## EXERCISE INSTRUCTIONS
If a line in the entries below holds the string "PARTITIONING", copy it.

## DATA FOR THIS TASK
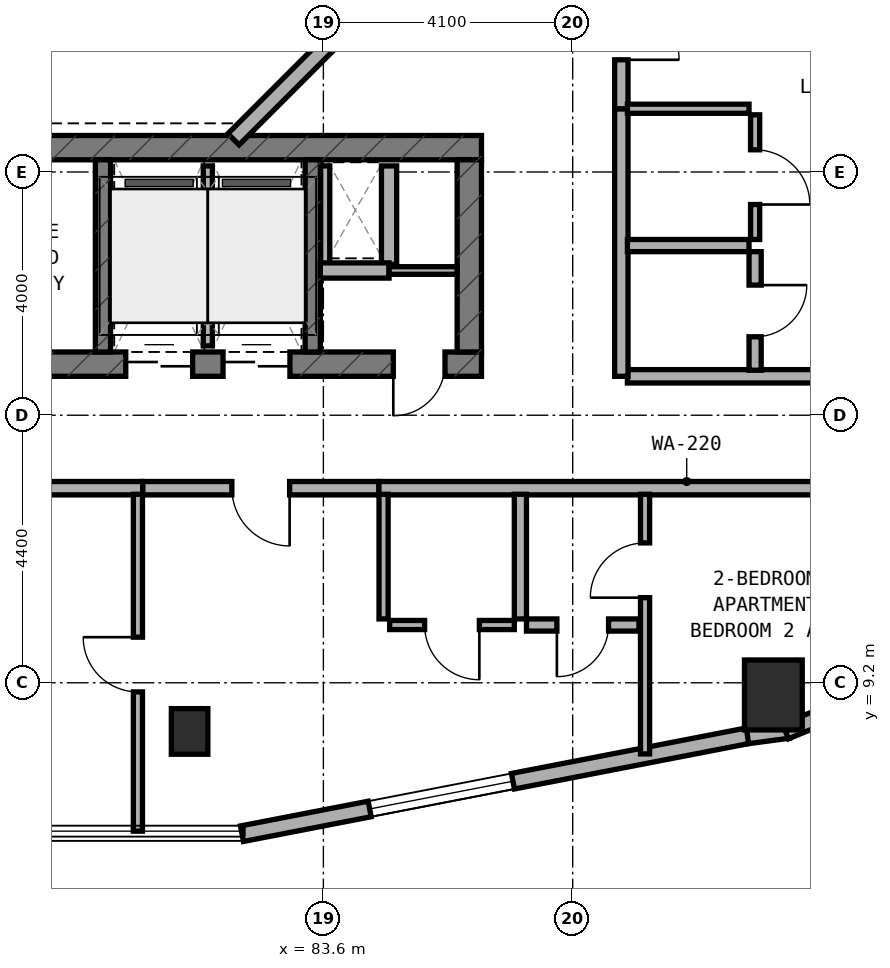
"""IFC4 building model, lengths in metres.
Left out: names, types, materials, properties, quantities, classifications, styles, units other than length and angle.
Written with IfcOpenShell. Run it as: python <this file> out.ifc"""

import sys

from ifc_helpers import new_model, si_unit, direction, frame, frame_2d, origin, origin_2d, place, context, subcontext, project, spatial, rectangle, extrude, element, fill, save


model = new_model("IFC4")
c1 = context("Model", 3, precision=1e-05, world=origin(), true_north=direction((0.0, 1.0)))
c2 = subcontext(c1, "Body", "Model", "MODEL_VIEW")
j1 = project(units=[si_unit("LENGTHUNIT", "METRE"), si_unit("PLANEANGLEUNIT", "RADIAN")], contexts=[c1])
p1 = place(None, origin())
s1 = spatial("IfcSite", under=j1, at=p1, CompositionType="ELEMENT")
p2 = place(p1, origin())
s2 = spatial("IfcBuilding", under=s1, at=p2, CompositionType="ELEMENT")
p3 = place(p2, frame((0.0, 0.0, 98.5)))
s3 = spatial("IfcBuildingStorey", under=s2, at=p3, CompositionType="ELEMENT", Elevation=98.5)
p4 = place(p3, frame((68.0, 14.44, 0.0), z_axis=(0.0, 0.0, 1.0), x_axis=(1.0, 0.0, 0.0)))
e1 = element("IfcWall", 1, at=p4, inside=s3, PredefinedType="SHEAR", context=c2, shape_type="SweptSolid", body=[
    extrude(rectangle(XDim=18.2, YDim=0.4, at=frame_2d((9.1, 0.0))), origin(), (0.0, 0.0, 1.0), 3.5),
])
p5 = place(p4, frame((9.15, 0.0, 0.0)))
e2 = element("IfcOpeningElement", 2, at=p5, cuts=e1, PredefinedType="OPENING", context=c2, shape_type="SweptSolid", body=[
    extrude(rectangle(XDim=1.2, YDim=2.15, at=frame_2d((0.6, 1.075))), frame((0.0, 0.21, 0.0), z_axis=(0.0, -1.0, 0.0), x_axis=(1.0, 0.0, 0.0)), (0.0, 0.0, 1.0), 0.42),
])
p6 = place(p4, frame((16.75, 0.0, 0.0)))
e3 = element("IfcOpeningElement", 3, at=p6, cuts=e1, PredefinedType="OPENING", context=c2, shape_type="SweptSolid", body=[
    extrude(rectangle(XDim=0.85, YDim=2.1, at=frame_2d((0.425, 1.05))), frame((0.0, 0.21, 0.0), z_axis=(0.0, -1.0, 0.0), x_axis=(1.0, 0.0, 0.0)), (0.0, 0.0, 1.0), 0.42),
])
p7 = place(p4, frame((12.35, 0.0, 0.0)))
e4 = element("IfcOpeningElement", 4, at=p7, cuts=e1, PredefinedType="OPENING", context=c2, shape_type="SweptSolid", body=[
    extrude(rectangle(XDim=1.1, YDim=2.15, at=frame_2d((0.55, 1.075))), frame((0.0, 0.21, 0.0), z_axis=(0.0, -1.0, 0.0), x_axis=(1.0, 0.0, 0.0)), (0.0, 0.0, 1.0), 0.42),
])
p8 = place(p4, frame((13.95, 0.0, 0.0)))
e5 = element("IfcOpeningElement", 5, at=p8, cuts=e1, PredefinedType="OPENING", context=c2, shape_type="SweptSolid", body=[
    extrude(rectangle(XDim=1.1, YDim=2.15, at=frame_2d((0.55, 1.075))), frame((0.0, 0.21, 0.0), z_axis=(0.0, -1.0, 0.0), x_axis=(1.0, 0.0, 0.0)), (0.0, 0.0, 1.0), 0.42),
])
p9 = place(p3, frame((68.0, 18.0, 0.0), z_axis=(0.0, 0.0, 1.0), x_axis=(1.0, 0.0, 0.0)))
e6 = element("IfcWall", 6, at=p9, inside=s3, PredefinedType="SHEAR", context=c2, shape_type="SweptSolid", body=[
    extrude(rectangle(XDim=18.2, YDim=0.4, at=frame_2d((9.1, 0.0))), origin(), (0.0, 0.0, 1.0), 3.5),
])
p10 = place(p3, frame((86.0, 14.64, 0.0), z_axis=(0.0, 0.0, 1.0), x_axis=(0.0, 1.0, 0.0)))
e7 = element("IfcWall", 7, at=p10, inside=s3, PredefinedType="SHEAR", context=c2, shape_type="SweptSolid", body=[
    extrude(rectangle(XDim=3.16, YDim=0.4, at=frame_2d((1.58, 0.0))), origin(), (0.0, 0.0, 1.0), 3.5),
])
for number, where, z_axis, x_axis in (
    (8, (79.975, 14.64, 0.0), (0.0, 0.0, 1.0), (0.0, 1.0, 0.0)),
    (9, (83.425, 14.64, 0.0), (0.0, 0.0, 1.0), (0.0, 1.0, 0.0)),
):
    element("IfcWall", number, at=place(p3, frame(where, z_axis=z_axis, x_axis=x_axis)), inside=s3, PredefinedType="STANDARD", context=c2, shape_type="SweptSolid", body=[
        extrude(rectangle(XDim=3.16, YDim=0.25, at=frame_2d((1.58, 0.0))), origin(), (0.0, 0.0, 1.0), 3.25),
    ])
p11 = place(p3, frame((81.4, 8.4, 0.0), z_axis=(0.0, 0.0, 1.0), x_axis=(1.0, 0.0, 0.0)))
e10 = element("IfcColumn", 10, at=p11, inside=s3, PredefinedType="COLUMN", context=c2, shape_type="SweptSolid", body=[
    extrude(rectangle(XDim=0.6, YDim=0.75, at=origin_2d()), origin(), (0.0, 0.0, 1.0), 3.5),
])
p12 = place(p3, frame((91.0, 9.0, 0.0), z_axis=(0.0, 0.0, 1.0), x_axis=(1.0, 0.0, 0.0)))
e11 = element("IfcColumn", 11, at=p12, inside=s3, PredefinedType="COLUMN", context=c2, shape_type="SweptSolid", body=[
    extrude(rectangle(XDim=0.95, YDim=1.15, at=origin_2d()), origin(), (0.0, 0.0, 1.0), 3.5),
])
p13 = place(p3, frame((82.261, 6.718, 0.0), z_axis=(0.0, 0.0, 1.0), x_axis=(0.981750199588, 0.190175039396, 0.0)))
e12 = element("IfcWall", 12, at=p13, inside=s3, PredefinedType="STANDARD", context=c2, shape_type="SweptSolid", body=[
    extrude(rectangle(XDim=8.477, YDim=0.26, at=frame_2d((4.238, 0.0))), origin(), (0.0, 0.0, 1.0), 3.25),
])
p14 = place(p13, frame((2.139, 0.0, 0.8)))
e13 = element("IfcOpeningElement", 13, at=p14, cuts=e12, PredefinedType="OPENING", context=c2, shape_type="SweptSolid", body=[
    extrude(rectangle(XDim=2.4, YDim=1.6, at=frame_2d((1.2, 0.8))), frame((0.0, 0.14, 0.0), z_axis=(0.0, -1.0, 0.0), x_axis=(1.0, 0.0, 0.0)), (0.0, 0.0, 1.0), 0.28),
])
p15 = place(p3, frame((90.575, 8.328, 0.0), z_axis=(0.0, 0.0, 1.0), x_axis=(0.991300187529, 0.13162043232, 0.0)))
e14 = element("IfcWall", 14, at=p15, inside=s3, PredefinedType="STANDARD", context=c2, shape_type="SweptSolid", body=[
    extrude(rectangle(XDim=0.677, YDim=0.26, at=frame_2d((0.338, 0.0))), origin(), (0.0, 0.0, 1.0), 3.25),
])
p16 = place(p3, frame((91.2, 8.399, 0.0), z_axis=(0.0, 0.0, 1.0), x_axis=(0.924093981904, 0.382165294877, 0.0)))
e15 = element("IfcWall", 15, at=p16, inside=s3, PredefinedType="STANDARD", context=c2, shape_type="SweptSolid", body=[
    extrude(rectangle(XDim=0.694, YDim=0.26, at=frame_2d((0.347, 0.0))), origin(), (0.0, 0.0, 1.0), 3.25),
])
p17 = place(p3, frame((82.122, 18.138, 0.0), z_axis=(0.0, 0.0, 1.0), x_axis=(0.707106781187, 0.707106781187, 0.0)))
e16 = element("IfcWall", 16, at=p17, inside=s3, PredefinedType="STANDARD", context=c2, shape_type="SweptSolid", body=[
    extrude(rectangle(XDim=2.311, YDim=0.26, at=frame_2d((1.155, 0.0))), origin(), (0.0, 0.0, 1.0), 3.25),
])
p18 = place(p3, frame((83.63, 16.08, 0.0), z_axis=(0.0, 0.0, 1.0), x_axis=(0.0, 1.0, 0.0)))
e17 = element("IfcWall", 17, at=p18, inside=s3, PredefinedType="PARTITIONING", context=c2, shape_type="SweptSolid", body=[
    extrude(rectangle(XDim=1.62, YDim=0.15, at=frame_2d((0.81, 0.0))), origin(), (0.0, 0.0, 1.0), 2.825),
])
p19 = place(p3, frame((84.68, 16.08, 0.0), z_axis=(0.0, 0.0, 1.0), x_axis=(0.0, 1.0, 0.0)))
e18 = element("IfcWall", 18, at=p19, inside=s3, PredefinedType="SOLIDWALL", context=c2, shape_type="SweptSolid", body=[
    extrude(rectangle(XDim=1.62, YDim=0.25, at=frame_2d((0.81, 0.0))), origin(), (0.0, 0.0, 1.0), 3.22),
])
p20 = place(p3, frame((83.55, 15.98, 0.0), z_axis=(0.0, 0.0, 1.0), x_axis=(1.0, 0.0, 0.0)))
e19 = element("IfcWall", 19, at=p20, inside=s3, PredefinedType="SOLIDWALL", context=c2, shape_type="SweptSolid", body=[
    extrude(rectangle(XDim=1.13, YDim=0.25, at=frame_2d((0.565, 0.0))), origin(), (0.0, 0.0, 1.0), 3.22),
])
p21 = place(p3, frame((84.68, 15.98, 0.0), z_axis=(0.0, 0.0, 1.0), x_axis=(1.0, 0.0, 0.0)))
e20 = element("IfcWall", 20, at=p21, inside=s3, PredefinedType="PARTITIONING", context=c2, shape_type="SweptSolid", body=[
    extrude(rectangle(XDim=1.12, YDim=0.125, at=frame_2d((0.56, 0.0))), origin(), (0.0, 0.0, 1.0), 3.22),
])
p22 = place(p3, frame((81.7, 14.74, 0.0), z_axis=(0.0, 0.0, 1.0), x_axis=(0.0, 1.0, 0.0)))
e21 = element("IfcWall", 21, at=p22, inside=s3, PredefinedType="PARTITIONING", context=c2, shape_type="SweptSolid", body=[
    extrude(rectangle(XDim=2.96, YDim=0.15, at=frame_2d((1.48, 0.0))), origin(), (0.0, 0.0, 1.0), 3.22),
])
p23 = place(p3, frame((74.8, 12.4, 0.0), z_axis=(0.0, 0.0, 1.0), x_axis=(1.0, 0.0, 0.0)))
e22 = element("IfcWall", 22, at=p23, inside=s3, PredefinedType="SOLIDWALL", context=c2, shape_type="SweptSolid", body=[
    extrude(rectangle(XDim=5.83, YDim=0.22, at=frame_2d((2.915, 0.0))), origin(), (0.0, 0.0, 1.0), 3.22),
])
p24 = place(p3, frame((84.51, 12.4, 0.0), z_axis=(0.0, 0.0, 1.0), x_axis=(1.0, 0.0, 0.0)))
e23 = element("IfcWall", 23, at=p24, inside=s3, PredefinedType="SOLIDWALL", context=c2, shape_type="SweptSolid", body=[
    extrude(rectangle(XDim=10.13, YDim=0.22, at=frame_2d((5.065, 0.0))), origin(), (0.0, 0.0, 1.0), 2.945),
])
p25 = place(p3, frame((80.63, 12.4, 0.0), z_axis=(0.0, 0.0, 1.0), x_axis=(1.0, 0.0, 0.0)))
e24 = element("IfcWall", 24, at=p25, inside=s3, PredefinedType="SOLIDWALL", context=c2, shape_type="SweptSolid", body=[
    extrude(rectangle(XDim=3.88, YDim=0.22, at=frame_2d((1.94, 0.0))), origin(), (0.0, 0.0, 1.0), 2.825),
])
p26 = place(p25, frame((1.465, 0.0, 0.0)))
e25 = element("IfcOpeningElement", 25, at=p26, cuts=e24, PredefinedType="OPENING", context=c2, shape_type="SweptSolid", body=[
    extrude(rectangle(XDim=0.95, YDim=2.1, at=frame_2d((0.475, 1.05))), frame((0.0, 0.12, 0.0), z_axis=(0.0, -1.0, 0.0), x_axis=(1.0, 0.0, 0.0)), (0.0, 0.0, 1.0), 0.24),
])
p27 = place(p3, frame((80.55, 6.76, 0.0), z_axis=(0.0, 0.0, 1.0), x_axis=(0.0, 1.0, 0.0)))
e26 = element("IfcWall", 26, at=p27, inside=s3, PredefinedType="PARTITIONING", context=c2, shape_type="SweptSolid", body=[
    extrude(rectangle(XDim=5.54, YDim=0.15, at=frame_2d((2.77, 0.0))), origin(), (0.0, 0.0, 1.0), 2.945),
])
p28 = place(p27, frame((2.29, 0.0, 0.0)))
e27 = element("IfcOpeningElement", 27, at=p28, cuts=e26, PredefinedType="OPENING", context=c2, shape_type="SweptSolid", body=[
    extrude(rectangle(XDim=0.9, YDim=2.1, at=frame_2d((0.45, 1.05))), frame((0.0, 0.085, 0.0), z_axis=(0.0, -1.0, 0.0), x_axis=(1.0, 0.0, 0.0)), (0.0, 0.0, 1.0), 0.17),
])
p29 = place(p3, frame((88.89, 8.03, 0.0), z_axis=(0.0, 0.0, 1.0), x_axis=(0.0, 1.0, 0.0)))
e28 = element("IfcWall", 28, at=p29, inside=s3, PredefinedType="PARTITIONING", context=c2, shape_type="SweptSolid", body=[
    extrude(rectangle(XDim=4.27, YDim=0.15, at=frame_2d((2.135, 0.0))), origin(), (0.0, 0.0, 1.0), 2.945),
])
p30 = place(p29, frame((2.57, 0.0, 0.0)))
e29 = element("IfcOpeningElement", 29, at=p30, cuts=e28, PredefinedType="OPENING", context=c2, shape_type="SweptSolid", body=[
    extrude(rectangle(XDim=0.9, YDim=2.1, at=frame_2d((0.45, 1.05))), frame((0.0, 0.085, 0.0), z_axis=(0.0, -1.0, 0.0), x_axis=(1.0, 0.0, 0.0)), (0.0, 0.0, 1.0), 0.17),
])
p31 = place(p3, frame((86.84, 10.25, 0.0), z_axis=(0.0, 0.0, 1.0), x_axis=(0.0, 1.0, 0.0)))
e30 = element("IfcWall", 30, at=p31, inside=s3, PredefinedType="PLUMBINGWALL", context=c2, shape_type="SweptSolid", body=[
    extrude(rectangle(XDim=2.05, YDim=0.2, at=frame_2d((1.025, 0.0))), origin(), (0.0, 0.0, 1.0), 3.22),
])
p32 = place(p3, frame((84.59, 10.25, 0.0), z_axis=(0.0, 0.0, 1.0), x_axis=(0.0, 1.0, 0.0)))
e31 = element("IfcWall", 31, at=p32, inside=s3, PredefinedType="PARTITIONING", context=c2, shape_type="SweptSolid", body=[
    extrude(rectangle(XDim=2.05, YDim=0.15, at=frame_2d((1.025, 0.0))), origin(), (0.0, 0.0, 1.0), 3.22),
])
p33 = place(p3, frame((86.94, 10.15, 0.0), z_axis=(0.0, 0.0, 1.0), x_axis=(1.0, 0.0, 0.0)))
e32 = element("IfcWall", 32, at=p33, inside=s3, PredefinedType="PLUMBINGWALL", context=c2, shape_type="SweptSolid", body=[
    extrude(rectangle(XDim=1.85, YDim=0.2, at=frame_2d((0.925, 0.0))), origin(), (0.0, 0.0, 1.0), 3.22),
])
p34 = place(p33, frame((0.5, 0.0, 0.0)))
e33 = element("IfcOpeningElement", 33, at=p34, cuts=e32, PredefinedType="OPENING", context=c2, shape_type="SweptSolid", body=[
    extrude(rectangle(XDim=0.85, YDim=2.1, at=frame_2d((0.425, 1.05))), frame((0.0, 0.11, 0.0), z_axis=(0.0, -1.0, 0.0), x_axis=(1.0, 0.0, 0.0)), (0.0, 0.0, 1.0), 0.22),
])
p35 = place(p3, frame((84.69, 10.15, 0.0), z_axis=(0.0, 0.0, 1.0), x_axis=(1.0, 0.0, 0.0)))
e34 = element("IfcWall", 34, at=p35, inside=s3, PredefinedType="PARTITIONING", context=c2, shape_type="SweptSolid", body=[
    extrude(rectangle(XDim=2.05, YDim=0.15, at=frame_2d((1.025, 0.0))), origin(), (0.0, 0.0, 1.0), 3.22),
])
p36 = place(p35, frame((0.575, 0.0, 0.0)))
e35 = element("IfcOpeningElement", 35, at=p36, cuts=e34, PredefinedType="OPENING", context=c2, shape_type="SweptSolid", body=[
    extrude(rectangle(XDim=0.9, YDim=2.1, at=frame_2d((0.45, 1.05))), frame((0.0, 0.085, 0.0), z_axis=(0.0, -1.0, 0.0), x_axis=(1.0, 0.0, 0.0)), (0.0, 0.0, 1.0), 0.17),
])
p37 = place(p3, frame((88.6, 14.24, 0.0), z_axis=(0.0, 0.0, 1.0), x_axis=(1.0, 0.0, 0.0)))
e36 = element("IfcWall", 36, at=p37, inside=s3, PredefinedType="SOLIDWALL", context=c2, shape_type="SweptSolid", body=[
    extrude(rectangle(XDim=5.88, YDim=0.22, at=frame_2d((2.94, 0.0))), origin(), (0.0, 0.0, 1.0), 2.945),
])
p38 = place(p3, frame((88.5, 14.24, 0.0), z_axis=(0.0, 0.0, 1.0), x_axis=(0.0, 1.0, 0.0)))
e37 = element("IfcWall", 37, at=p38, inside=s3, PredefinedType="SOLIDWALL", context=c2, shape_type="SweptSolid", body=[
    extrude(rectangle(XDim=4.4, YDim=0.22, at=frame_2d((2.2, 0.0))), origin(), (0.0, 0.0, 1.0), 3.22),
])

## SOLUTION TO THIS PROBLEM
e17 = element("IfcWall", 17, at=p18, inside=s3, PredefinedType="PARTITIONING", context=c2, shape_type="SweptSolid", body=[
e20 = element("IfcWall", 20, at=p21, inside=s3, PredefinedType="PARTITIONING", context=c2, shape_type="SweptSolid", body=[
e21 = element("IfcWall", 21, at=p22, inside=s3, PredefinedType="PARTITIONING", context=c2, shape_type="SweptSolid", body=[
e26 = element("IfcWall", 26, at=p27, inside=s3, PredefinedType="PARTITIONING", context=c2, shape_type="SweptSolid", body=[
e28 = element("IfcWall", 28, at=p29, inside=s3, PredefinedType="PARTITIONING", context=c2, shape_type="SweptSolid", body=[
e31 = element("IfcWall", 31, at=p32, inside=s3, PredefinedType="PARTITIONING", context=c2, shape_type="SweptSolid", body=[
e34 = element("IfcWall", 34, at=p35, inside=s3, PredefinedType="PARTITIONING", context=c2, shape_type="SweptSolid", body=[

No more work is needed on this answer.